■ **Problem description**: Tell me how many lines of the entries below include the string "spatial", and give only the number.
*** Opening of Data for review ***
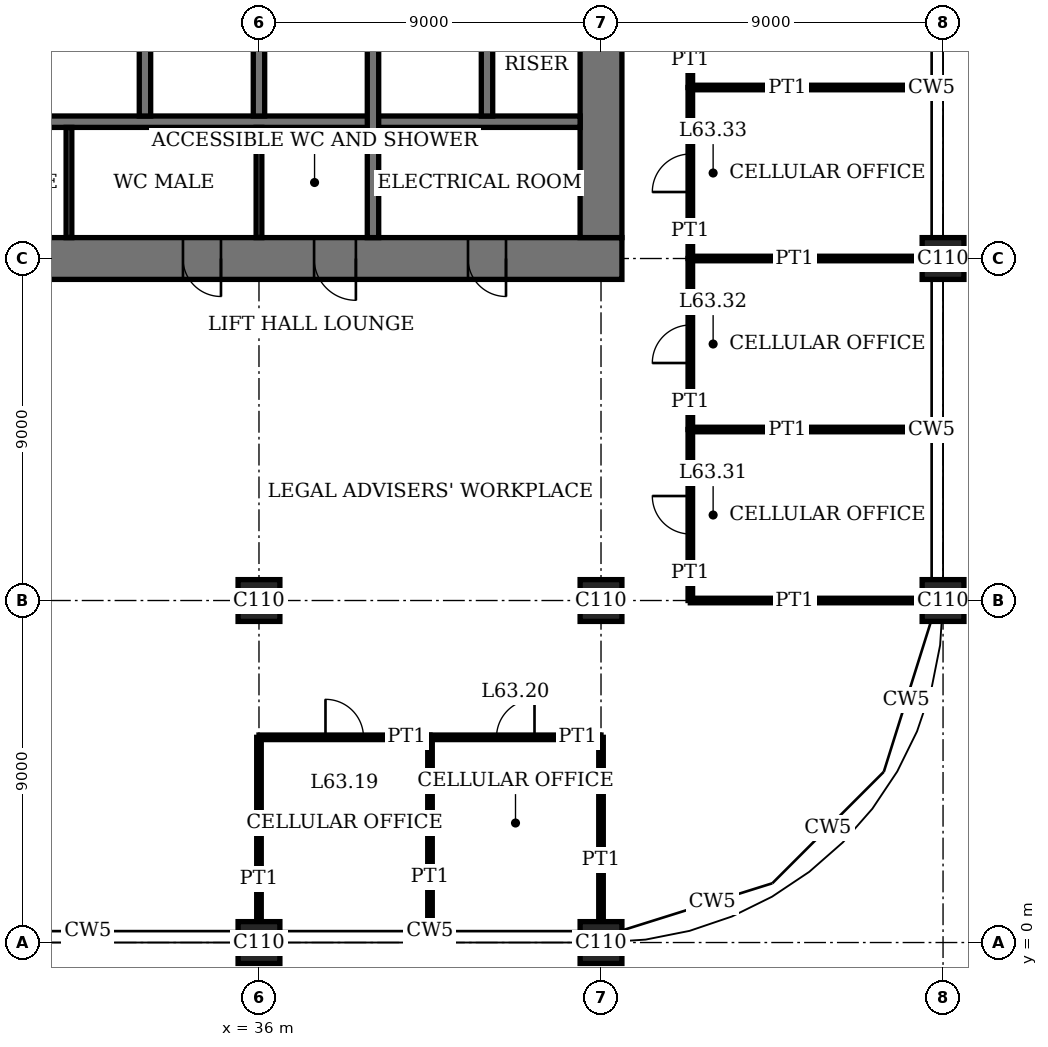
"""IFC4 building model, lengths in metres.
Left out: names, types, materials, properties, quantities, classifications, styles, units other than length and angle.
Written with IfcOpenShell. Run it as: python <this file> out.ifc"""

import sys

from ifc_helpers import new_model, si_unit, direction, frame, frame_2d, origin, origin_2d, place, context, subcontext, project, spatial, rectangle, extrude, element, fill, save


model = new_model("IFC4")
c1 = context("Model", 3, precision=1e-05, world=origin(), true_north=direction((0.0, 1.0)))
c2 = subcontext(c1, "Body", "Model", "MODEL_VIEW")
j1 = project(units=[si_unit("LENGTHUNIT", "METRE"), si_unit("PLANEANGLEUNIT", "RADIAN")], contexts=[c1])
p1 = place(None, origin())
s1 = spatial("IfcSite", under=j1, at=p1, CompositionType="ELEMENT")
p2 = place(p1, origin())
s2 = spatial("IfcBuilding", under=s1, at=p2, CompositionType="ELEMENT")
p3 = place(p2, frame((0.0, 0.0, 259.4)))
s3 = spatial("IfcBuildingStorey", under=s2, at=p3, CompositionType="ELEMENT", Elevation=259.4)
for number, where, z_axis, x_axis in (
    (1, (36.0, 0.0, 0.0), (0.0, 0.0, 1.0), (1.0, 0.0, 0.0)),
    (2, (36.0, 9.0, 0.0), (0.0, 0.0, 1.0), (1.0, 0.0, 0.0)),
    (3, (45.0, 0.0, 0.0), (0.0, 0.0, 1.0), (1.0, 0.0, 0.0)),
    (4, (45.0, 9.0, 0.0), (0.0, 0.0, 1.0), (1.0, 0.0, 0.0)),
    (5, (54.0, 9.0, 0.0), (0.0, 0.0, 1.0), (1.0, 0.0, 0.0)),
    (6, (54.0, 18.0, 0.0), (0.0, 0.0, 1.0), (1.0, 0.0, 0.0)),
):
    element("IfcColumn", number, at=place(p3, frame(where, z_axis=z_axis, x_axis=x_axis)), inside=s3, PredefinedType="COLUMN", context=c2, shape_type="SweptSolid", body=[
        extrude(rectangle(XDim=1.1, YDim=1.1, at=origin_2d()), origin(), (0.0, 0.0, 1.0), 4.0),
    ])
p4 = place(p3, frame((17.45, 18.0, 0.0), z_axis=(0.0, 0.0, 1.0), x_axis=(1.0, 0.0, 0.0)))
e7 = element("IfcWall", 7, at=p4, inside=s3, PredefinedType="SHEAR", context=c2, shape_type="SweptSolid", body=[
    extrude(rectangle(XDim=28.1, YDim=1.1, at=frame_2d((14.05, 0.0))), origin(), (0.0, 0.0, 1.0), 4.0),
])
p5 = place(p4, frame((11.55, 0.0, 0.0)))
e8 = element("IfcOpeningElement", 8, at=p5, cuts=e7, PredefinedType="OPENING", context=c2, shape_type="SweptSolid", body=[
    extrude(rectangle(XDim=1.0, YDim=2.4, at=frame_2d((0.5, 1.2))), frame((0.0, 0.56, 0.0), z_axis=(0.0, -1.0, 0.0), x_axis=(1.0, 0.0, 0.0)), (0.0, 0.0, 1.0), 1.12),
])
p6 = place(p4, frame((16.55, 0.0, 0.0)))
e9 = element("IfcOpeningElement", 9, at=p6, cuts=e7, PredefinedType="OPENING", context=c2, shape_type="SweptSolid", body=[
    extrude(rectangle(XDim=1.0, YDim=2.4, at=frame_2d((0.5, 1.2))), frame((0.0, 0.56, 0.0), z_axis=(0.0, -1.0, 0.0), x_axis=(1.0, 0.0, 0.0)), (0.0, 0.0, 1.0), 1.12),
])
p7 = place(p4, frame((20.0, 0.0, 0.0)))
e10 = element("IfcOpeningElement", 10, at=p7, cuts=e7, PredefinedType="OPENING", context=c2, shape_type="SweptSolid", body=[
    extrude(rectangle(XDim=1.1, YDim=2.4, at=frame_2d((0.55, 1.2))), frame((0.0, 0.56, 0.0), z_axis=(0.0, -1.0, 0.0), x_axis=(1.0, 0.0, 0.0)), (0.0, 0.0, 1.0), 1.12),
])
p8 = place(p4, frame((24.05, 0.0, 0.0)))
e11 = element("IfcOpeningElement", 11, at=p8, cuts=e7, PredefinedType="OPENING", context=c2, shape_type="SweptSolid", body=[
    extrude(rectangle(XDim=1.0, YDim=2.4, at=frame_2d((0.5, 1.2))), frame((0.0, 0.56, 0.0), z_axis=(0.0, -1.0, 0.0), x_axis=(1.0, 0.0, 0.0)), (0.0, 0.0, 1.0), 1.12),
])
p9 = place(p3, frame((45.0, 18.55, 0.0), z_axis=(0.0, 0.0, 1.0), x_axis=(0.0, 1.0, 0.0)))
e12 = element("IfcWall", 12, at=p9, inside=s3, PredefinedType="SHEAR", context=c2, shape_type="SweptSolid", body=[
    extrude(rectangle(XDim=16.9, YDim=1.1, at=frame_2d((8.45, 0.0))), origin(), (0.0, 0.0, 1.0), 4.0),
])
p10 = place(p9, frame((8.45, 0.0, 0.0)))
e13 = element("IfcOpeningElement", 13, at=p10, cuts=e12, PredefinedType="OPENING", context=c2, shape_type="SweptSolid", body=[
    extrude(rectangle(XDim=1.8, YDim=2.4, at=frame_2d((0.9, 1.2))), frame((0.0, 0.56, 0.0), z_axis=(0.0, -1.0, 0.0), x_axis=(1.0, 0.0, 0.0)), (0.0, 0.0, 1.0), 1.12),
])
p11 = place(p3, frame((27.15, 21.6, 0.0), z_axis=(0.0, 0.0, 1.0), x_axis=(1.0, 0.0, 0.0)))
e14 = element("IfcWall", 14, at=p11, inside=s3, PredefinedType="SHEAR", context=c2, shape_type="SweptSolid", body=[
    extrude(rectangle(XDim=17.3, YDim=0.3, at=frame_2d((8.65, 0.0))), origin(), (0.0, 0.0, 1.0), 4.0),
])
for number, where, z_axis, x_axis in (
    (15, (33.0, 21.75, 0.0), (0.0, 0.0, 1.0), (0.0, 1.0, 0.0)),
    (16, (36.0, 21.75, 0.0), (0.0, 0.0, 1.0), (0.0, 1.0, 0.0)),
):
    element("IfcWall", number, at=place(p3, frame(where, z_axis=z_axis, x_axis=x_axis)), inside=s3, PredefinedType="SHEAR", context=c2, shape_type="SweptSolid", body=[
        extrude(rectangle(XDim=2.7, YDim=0.3, at=frame_2d((1.35, 0.0))), origin(), (0.0, 0.0, 1.0), 4.0),
    ])
p12 = place(p3, frame((39.0, 18.55, 0.0), z_axis=(0.0, 0.0, 1.0), x_axis=(0.0, 1.0, 0.0)))
e17 = element("IfcWall", 17, at=p12, inside=s3, PredefinedType="SHEAR", context=c2, shape_type="SweptSolid", body=[
    extrude(rectangle(XDim=5.9, YDim=0.3, at=frame_2d((2.95, 0.0))), origin(), (0.0, 0.0, 1.0), 4.0),
])
p13 = place(p3, frame((42.0, 21.75, 0.0), z_axis=(0.0, 0.0, 1.0), x_axis=(0.0, 1.0, 0.0)))
e18 = element("IfcWall", 18, at=p13, inside=s3, PredefinedType="SHEAR", context=c2, shape_type="SweptSolid", body=[
    extrude(rectangle(XDim=2.7, YDim=0.3, at=frame_2d((1.35, 0.0))), origin(), (0.0, 0.0, 1.0), 4.0),
])
p14 = place(p3, frame((36.0, 5.4, 0.0), z_axis=(0.0, 0.0, 1.0), x_axis=(1.0, 0.0, 0.0)))
e19 = element("IfcWall", 19, at=p14, inside=s3, PredefinedType="PARTITIONING", context=c2, shape_type="SweptSolid", body=[
    extrude(rectangle(XDim=4.5, YDim=0.12, at=frame_2d((2.25, 0.0))), origin(), (0.0, 0.0, 1.0), 3.75),
])
p15 = place(p14, frame((1.75, 0.0, 0.0)))
e20 = element("IfcOpeningElement", 20, at=p15, cuts=e19, PredefinedType="OPENING", context=c2, shape_type="SweptSolid", body=[
    extrude(rectangle(XDim=1.0, YDim=2.4, at=frame_2d((0.5, 1.2))), frame((0.0, 0.07, 0.0), z_axis=(0.0, -1.0, 0.0), x_axis=(1.0, 0.0, 0.0)), (0.0, 0.0, 1.0), 0.14),
])
p16 = place(p3, frame((40.5, 5.4, 0.0), z_axis=(0.0, 0.0, 1.0), x_axis=(1.0, 0.0, 0.0)))
e21 = element("IfcWall", 21, at=p16, inside=s3, PredefinedType="PARTITIONING", context=c2, shape_type="SweptSolid", body=[
    extrude(rectangle(XDim=4.5, YDim=0.12, at=frame_2d((2.25, 0.0))), origin(), (0.0, 0.0, 1.0), 3.75),
])
p17 = place(p16, frame((1.75, 0.0, 0.0)))
e22 = element("IfcOpeningElement", 22, at=p17, cuts=e21, PredefinedType="OPENING", context=c2, shape_type="SweptSolid", body=[
    extrude(rectangle(XDim=1.0, YDim=2.4, at=frame_2d((0.5, 1.2))), frame((0.0, 0.07, 0.0), z_axis=(0.0, -1.0, 0.0), x_axis=(1.0, 0.0, 0.0)), (0.0, 0.0, 1.0), 0.14),
])
p18 = place(p3, frame((47.35, 9.0, 0.0), z_axis=(0.0, 0.0, 1.0), x_axis=(1.0, 0.0, 0.0)))
e23 = element("IfcWall", 23, at=p18, inside=s3, PredefinedType="PARTITIONING", context=c2, shape_type="SweptSolid", body=[
    extrude(rectangle(XDim=6.1, YDim=0.12, at=frame_2d((3.05, 0.0))), origin(), (0.0, 0.0, 1.0), 3.05),
])
p19 = place(p3, frame((47.35, 13.5, 0.0), z_axis=(0.0, 0.0, 1.0), x_axis=(1.0, 0.0, 0.0)))
e24 = element("IfcWall", 24, at=p19, inside=s3, PredefinedType="PARTITIONING", context=c2, shape_type="SweptSolid", body=[
    extrude(rectangle(XDim=6.34, YDim=0.12, at=frame_2d((3.17, 0.0))), origin(), (0.0, 0.0, 1.0), 3.1),
])
p20 = place(p3, frame((47.35, 18.0, 0.0), z_axis=(0.0, 0.0, 1.0), x_axis=(1.0, 0.0, 0.0)))
e25 = element("IfcWall", 25, at=p20, inside=s3, PredefinedType="PARTITIONING", context=c2, shape_type="SweptSolid", body=[
    extrude(rectangle(XDim=6.1, YDim=0.12, at=frame_2d((3.05, 0.0))), origin(), (0.0, 0.0, 1.0), 3.05),
])
p21 = place(p3, frame((47.35, 22.5, 0.0), z_axis=(0.0, 0.0, 1.0), x_axis=(1.0, 0.0, 0.0)))
e26 = element("IfcWall", 26, at=p21, inside=s3, PredefinedType="PARTITIONING", context=c2, shape_type="SweptSolid", body=[
    extrude(rectangle(XDim=6.34, YDim=0.12, at=frame_2d((3.17, 0.0))), origin(), (0.0, 0.0, 1.0), 3.1),
])
p22 = place(p3, frame((36.0, 0.55, 0.0), z_axis=(0.0, 0.0, 1.0), x_axis=(0.0, 1.0, 0.0)))
e27 = element("IfcWall", 27, at=p22, inside=s3, PredefinedType="PARTITIONING", context=c2, shape_type="SweptSolid", body=[
    extrude(rectangle(XDim=4.85, YDim=0.12, at=frame_2d((2.425, 0.0))), origin(), (0.0, 0.0, 1.0), 3.05),
])
p23 = place(p3, frame((40.5, 0.31, 0.0), z_axis=(0.0, 0.0, 1.0), x_axis=(0.0, 1.0, 0.0)))
e28 = element("IfcWall", 28, at=p23, inside=s3, PredefinedType="PARTITIONING", context=c2, shape_type="SweptSolid", body=[
    extrude(rectangle(XDim=5.09, YDim=0.12, at=frame_2d((2.545, 0.0))), origin(), (0.0, 0.0, 1.0), 3.75),
])
p24 = place(p3, frame((45.0, 0.55, 0.0), z_axis=(0.0, 0.0, 1.0), x_axis=(0.0, 1.0, 0.0)))
e29 = element("IfcWall", 29, at=p24, inside=s3, PredefinedType="PARTITIONING", context=c2, shape_type="SweptSolid", body=[
    extrude(rectangle(XDim=4.85, YDim=0.12, at=frame_2d((2.425, 0.0))), origin(), (0.0, 0.0, 1.0), 3.05),
])
p25 = place(p3, frame((47.35, 9.0, 0.0), z_axis=(0.0, 0.0, 1.0), x_axis=(0.0, 1.0, 0.0)))
e30 = element("IfcWall", 30, at=p25, inside=s3, PredefinedType="PARTITIONING", context=c2, shape_type="SweptSolid", body=[
    extrude(rectangle(XDim=4.5, YDim=0.12, at=frame_2d((2.25, 0.0))), origin(), (0.0, 0.0, 1.0), 3.75),
])
p26 = place(p25, frame((1.75, 0.0, 0.0)))
e31 = element("IfcOpeningElement", 31, at=p26, cuts=e30, PredefinedType="OPENING", context=c2, shape_type="SweptSolid", body=[
    extrude(rectangle(XDim=1.0, YDim=2.4, at=frame_2d((0.5, 1.2))), frame((0.0, 0.07, 0.0), z_axis=(0.0, -1.0, 0.0), x_axis=(1.0, 0.0, 0.0)), (0.0, 0.0, 1.0), 0.14),
])
p27 = place(p3, frame((47.35, 13.5, 0.0), z_axis=(0.0, 0.0, 1.0), x_axis=(0.0, 1.0, 0.0)))
e32 = element("IfcWall", 32, at=p27, inside=s3, PredefinedType="PARTITIONING", context=c2, shape_type="SweptSolid", body=[
    extrude(rectangle(XDim=4.5, YDim=0.12, at=frame_2d((2.25, 0.0))), origin(), (0.0, 0.0, 1.0), 3.75),
])
p28 = place(p27, frame((1.75, 0.0, 0.0)))
e33 = element("IfcOpeningElement", 33, at=p28, cuts=e32, PredefinedType="OPENING", context=c2, shape_type="SweptSolid", body=[
    extrude(rectangle(XDim=1.0, YDim=2.4, at=frame_2d((0.5, 1.2))), frame((0.0, 0.07, 0.0), z_axis=(0.0, -1.0, 0.0), x_axis=(1.0, 0.0, 0.0)), (0.0, 0.0, 1.0), 0.14),
])
p29 = place(p3, frame((47.35, 18.0, 0.0), z_axis=(0.0, 0.0, 1.0), x_axis=(0.0, 1.0, 0.0)))
e34 = element("IfcWall", 34, at=p29, inside=s3, PredefinedType="PARTITIONING", context=c2, shape_type="SweptSolid", body=[
    extrude(rectangle(XDim=4.5, YDim=0.12, at=frame_2d((2.25, 0.0))), origin(), (0.0, 0.0, 1.0), 3.75),
])
p30 = place(p29, frame((1.75, 0.0, 0.0)))
e35 = element("IfcOpeningElement", 35, at=p30, cuts=e34, PredefinedType="OPENING", context=c2, shape_type="SweptSolid", body=[
    extrude(rectangle(XDim=1.0, YDim=2.4, at=frame_2d((0.5, 1.2))), frame((0.0, 0.07, 0.0), z_axis=(0.0, -1.0, 0.0), x_axis=(1.0, 0.0, 0.0)), (0.0, 0.0, 1.0), 0.14),
])
p31 = place(p3, frame((47.35, 22.5, 0.0), z_axis=(0.0, 0.0, 1.0), x_axis=(0.0, 1.0, 0.0)))
e36 = element("IfcWall", 36, at=p31, inside=s3, PredefinedType="PARTITIONING", context=c2, shape_type="SweptSolid", body=[
    extrude(rectangle(XDim=4.5, YDim=0.12, at=frame_2d((2.25, 0.0))), origin(), (0.0, 0.0, 1.0), 3.75),
])
p32 = place(p31, frame((1.75, 0.0, 0.0)))
e37 = element("IfcOpeningElement", 37, at=p32, cuts=e36, PredefinedType="OPENING", context=c2, shape_type="SweptSolid", body=[
    extrude(rectangle(XDim=1.0, YDim=2.4, at=frame_2d((0.5, 1.2))), frame((0.0, 0.07, 0.0), z_axis=(0.0, -1.0, 0.0), x_axis=(1.0, 0.0, 0.0)), (0.0, 0.0, 1.0), 0.14),
])
for number, where, z_axis, x_axis in (
    (38, (31.0, 18.55, 0.0), (0.0, 0.0, 1.0), (0.0, 1.0, 0.0)),
    (39, (36.0, 18.55, 0.0), (0.0, 0.0, 1.0), (0.0, 1.0, 0.0)),
):
    element("IfcWall", number, at=place(p3, frame(where, z_axis=z_axis, x_axis=x_axis)), inside=s3, PredefinedType="PARTITIONING", context=c2, shape_type="SweptSolid", body=[
        extrude(rectangle(XDim=2.9, YDim=0.15, at=frame_2d((1.45, 0.0))), origin(), (0.0, 0.0, 1.0), 3.75),
    ])
p33 = place(p6, origin())
e40 = element("IfcDoor", 40, at=p33, inside=s3, OperationType="SINGLE_SWING_RIGHT", PredefinedType="DOOR", context=c2, shape_type="SweptSolid", body=[
    extrude(rectangle(XDim=1.0, YDim=2.4, at=frame_2d((0.5, 1.2))), frame((0.0, 0.025, 0.0), z_axis=(0.0, -1.0, 0.0), x_axis=(1.0, 0.0, 0.0)), (0.0, 0.0, 1.0), 0.05),
    extrude(rectangle(XDim=0.04, YDim=2.4, at=frame_2d((0.02, 1.2))), frame((0.0, 0.4, 0.0), z_axis=(0.0, -1.0, 0.0), x_axis=(1.0, 0.0, 0.0)), (0.0, 0.0, 1.0), 0.8),
    extrude(rectangle(XDim=0.04, YDim=2.4, at=frame_2d((0.98, 1.2))), frame((0.0, 0.4, 0.0), z_axis=(0.0, -1.0, 0.0), x_axis=(1.0, 0.0, 0.0)), (0.0, 0.0, 1.0), 0.8),
    extrude(rectangle(XDim=1.0, YDim=0.04, at=frame_2d((0.5, 2.38))), frame((0.0, 0.4, 0.0), z_axis=(0.0, -1.0, 0.0), x_axis=(1.0, 0.0, 0.0)), (0.0, 0.0, 1.0), 0.8),
])
fill(e9, e40)
p34 = place(p7, origin())
e41 = element("IfcDoor", 41, at=p34, inside=s3, OperationType="SINGLE_SWING_RIGHT", PredefinedType="DOOR", context=c2, shape_type="SweptSolid", body=[
    extrude(rectangle(XDim=1.1, YDim=2.4, at=frame_2d((0.55, 1.2))), frame((0.0, 0.025, 0.0), z_axis=(0.0, -1.0, 0.0), x_axis=(1.0, 0.0, 0.0)), (0.0, 0.0, 1.0), 0.05),
    extrude(rectangle(XDim=0.04, YDim=2.4, at=frame_2d((0.02, 1.2))), frame((0.0, 0.44, 0.0), z_axis=(0.0, -1.0, 0.0), x_axis=(1.0, 0.0, 0.0)), (0.0, 0.0, 1.0), 0.88),
    extrude(rectangle(XDim=0.04, YDim=2.4, at=frame_2d((1.08, 1.2))), frame((0.0, 0.44, 0.0), z_axis=(0.0, -1.0, 0.0), x_axis=(1.0, 0.0, 0.0)), (0.0, 0.0, 1.0), 0.88),
    extrude(rectangle(XDim=1.1, YDim=0.04, at=frame_2d((0.55, 2.38))), frame((0.0, 0.44, 0.0), z_axis=(0.0, -1.0, 0.0), x_axis=(1.0, 0.0, 0.0)), (0.0, 0.0, 1.0), 0.88),
])
fill(e10, e41)
p35 = place(p8, origin())
e42 = element("IfcDoor", 42, at=p35, inside=s3, OperationType="SINGLE_SWING_RIGHT", PredefinedType="DOOR", context=c2, shape_type="SweptSolid", body=[
    extrude(rectangle(XDim=1.0, YDim=2.4, at=frame_2d((0.5, 1.2))), frame((0.0, 0.025, 0.0), z_axis=(0.0, -1.0, 0.0), x_axis=(1.0, 0.0, 0.0)), (0.0, 0.0, 1.0), 0.05),
    extrude(rectangle(XDim=0.04, YDim=2.4, at=frame_2d((0.02, 1.2))), frame((0.0, 0.4, 0.0), z_axis=(0.0, -1.0, 0.0), x_axis=(1.0, 0.0, 0.0)), (0.0, 0.0, 1.0), 0.8),
    extrude(rectangle(XDim=0.04, YDim=2.4, at=frame_2d((0.98, 1.2))), frame((0.0, 0.4, 0.0), z_axis=(0.0, -1.0, 0.0), x_axis=(1.0, 0.0, 0.0)), (0.0, 0.0, 1.0), 0.8),
    extrude(rectangle(XDim=1.0, YDim=0.04, at=frame_2d((0.5, 2.38))), frame((0.0, 0.4, 0.0), z_axis=(0.0, -1.0, 0.0), x_axis=(1.0, 0.0, 0.0)), (0.0, 0.0, 1.0), 0.8),
])
fill(e11, e42)
p36 = place(p15, origin())
e43 = element("IfcDoor", 43, at=p36, inside=s3, OperationType="SINGLE_SWING_RIGHT", PredefinedType="DOOR", context=c2, shape_type="SweptSolid", body=[
    extrude(rectangle(XDim=1.0, YDim=2.4, at=frame_2d((0.5, 1.2))), frame((0.0, 0.025, 0.0), z_axis=(0.0, -1.0, 0.0), x_axis=(1.0, 0.0, 0.0)), (0.0, 0.0, 1.0), 0.05),
])
fill(e20, e43)
p37 = place(p17, origin())
e44 = element("IfcDoor", 44, at=p37, inside=s3, OperationType="SINGLE_SWING_LEFT", PredefinedType="DOOR", context=c2, shape_type="SweptSolid", body=[
    extrude(rectangle(XDim=1.0, YDim=2.4, at=frame_2d((0.5, 1.2))), frame((0.0, 0.025, 0.0), z_axis=(0.0, -1.0, 0.0), x_axis=(1.0, 0.0, 0.0)), (0.0, 0.0, 1.0), 0.05),
])
fill(e22, e44)
p38 = place(p26, origin())
e45 = element("IfcDoor", 45, at=p38, inside=s3, OperationType="SINGLE_SWING_LEFT", PredefinedType="DOOR", context=c2, shape_type="SweptSolid", body=[
    extrude(rectangle(XDim=1.0, YDim=2.4, at=frame_2d((0.5, 1.2))), frame((0.0, 0.025, 0.0), z_axis=(0.0, -1.0, 0.0), x_axis=(1.0, 0.0, 0.0)), (0.0, 0.0, 1.0), 0.05),
])
fill(e31, e45)
p39 = place(p28, origin())
e46 = element("IfcDoor", 46, at=p39, inside=s3, OperationType="SINGLE_SWING_RIGHT", PredefinedType="DOOR", context=c2, shape_type="SweptSolid", body=[
    extrude(rectangle(XDim=1.0, YDim=2.4, at=frame_2d((0.5, 1.2))), frame((0.0, 0.025, 0.0), z_axis=(0.0, -1.0, 0.0), x_axis=(1.0, 0.0, 0.0)), (0.0, 0.0, 1.0), 0.05),
])
fill(e33, e46)
p40 = place(p30, origin())
e47 = element("IfcDoor", 47, at=p40, inside=s3, OperationType="SINGLE_SWING_RIGHT", PredefinedType="DOOR", context=c2, shape_type="SweptSolid", body=[
    extrude(rectangle(XDim=1.0, YDim=2.4, at=frame_2d((0.5, 1.2))), frame((0.0, 0.025, 0.0), z_axis=(0.0, -1.0, 0.0), x_axis=(1.0, 0.0, 0.0)), (0.0, 0.0, 1.0), 0.05),
])
fill(e35, e47)
save(model, sys.argv[1])
*** Close of Data for review ***
■ **Answer**: 4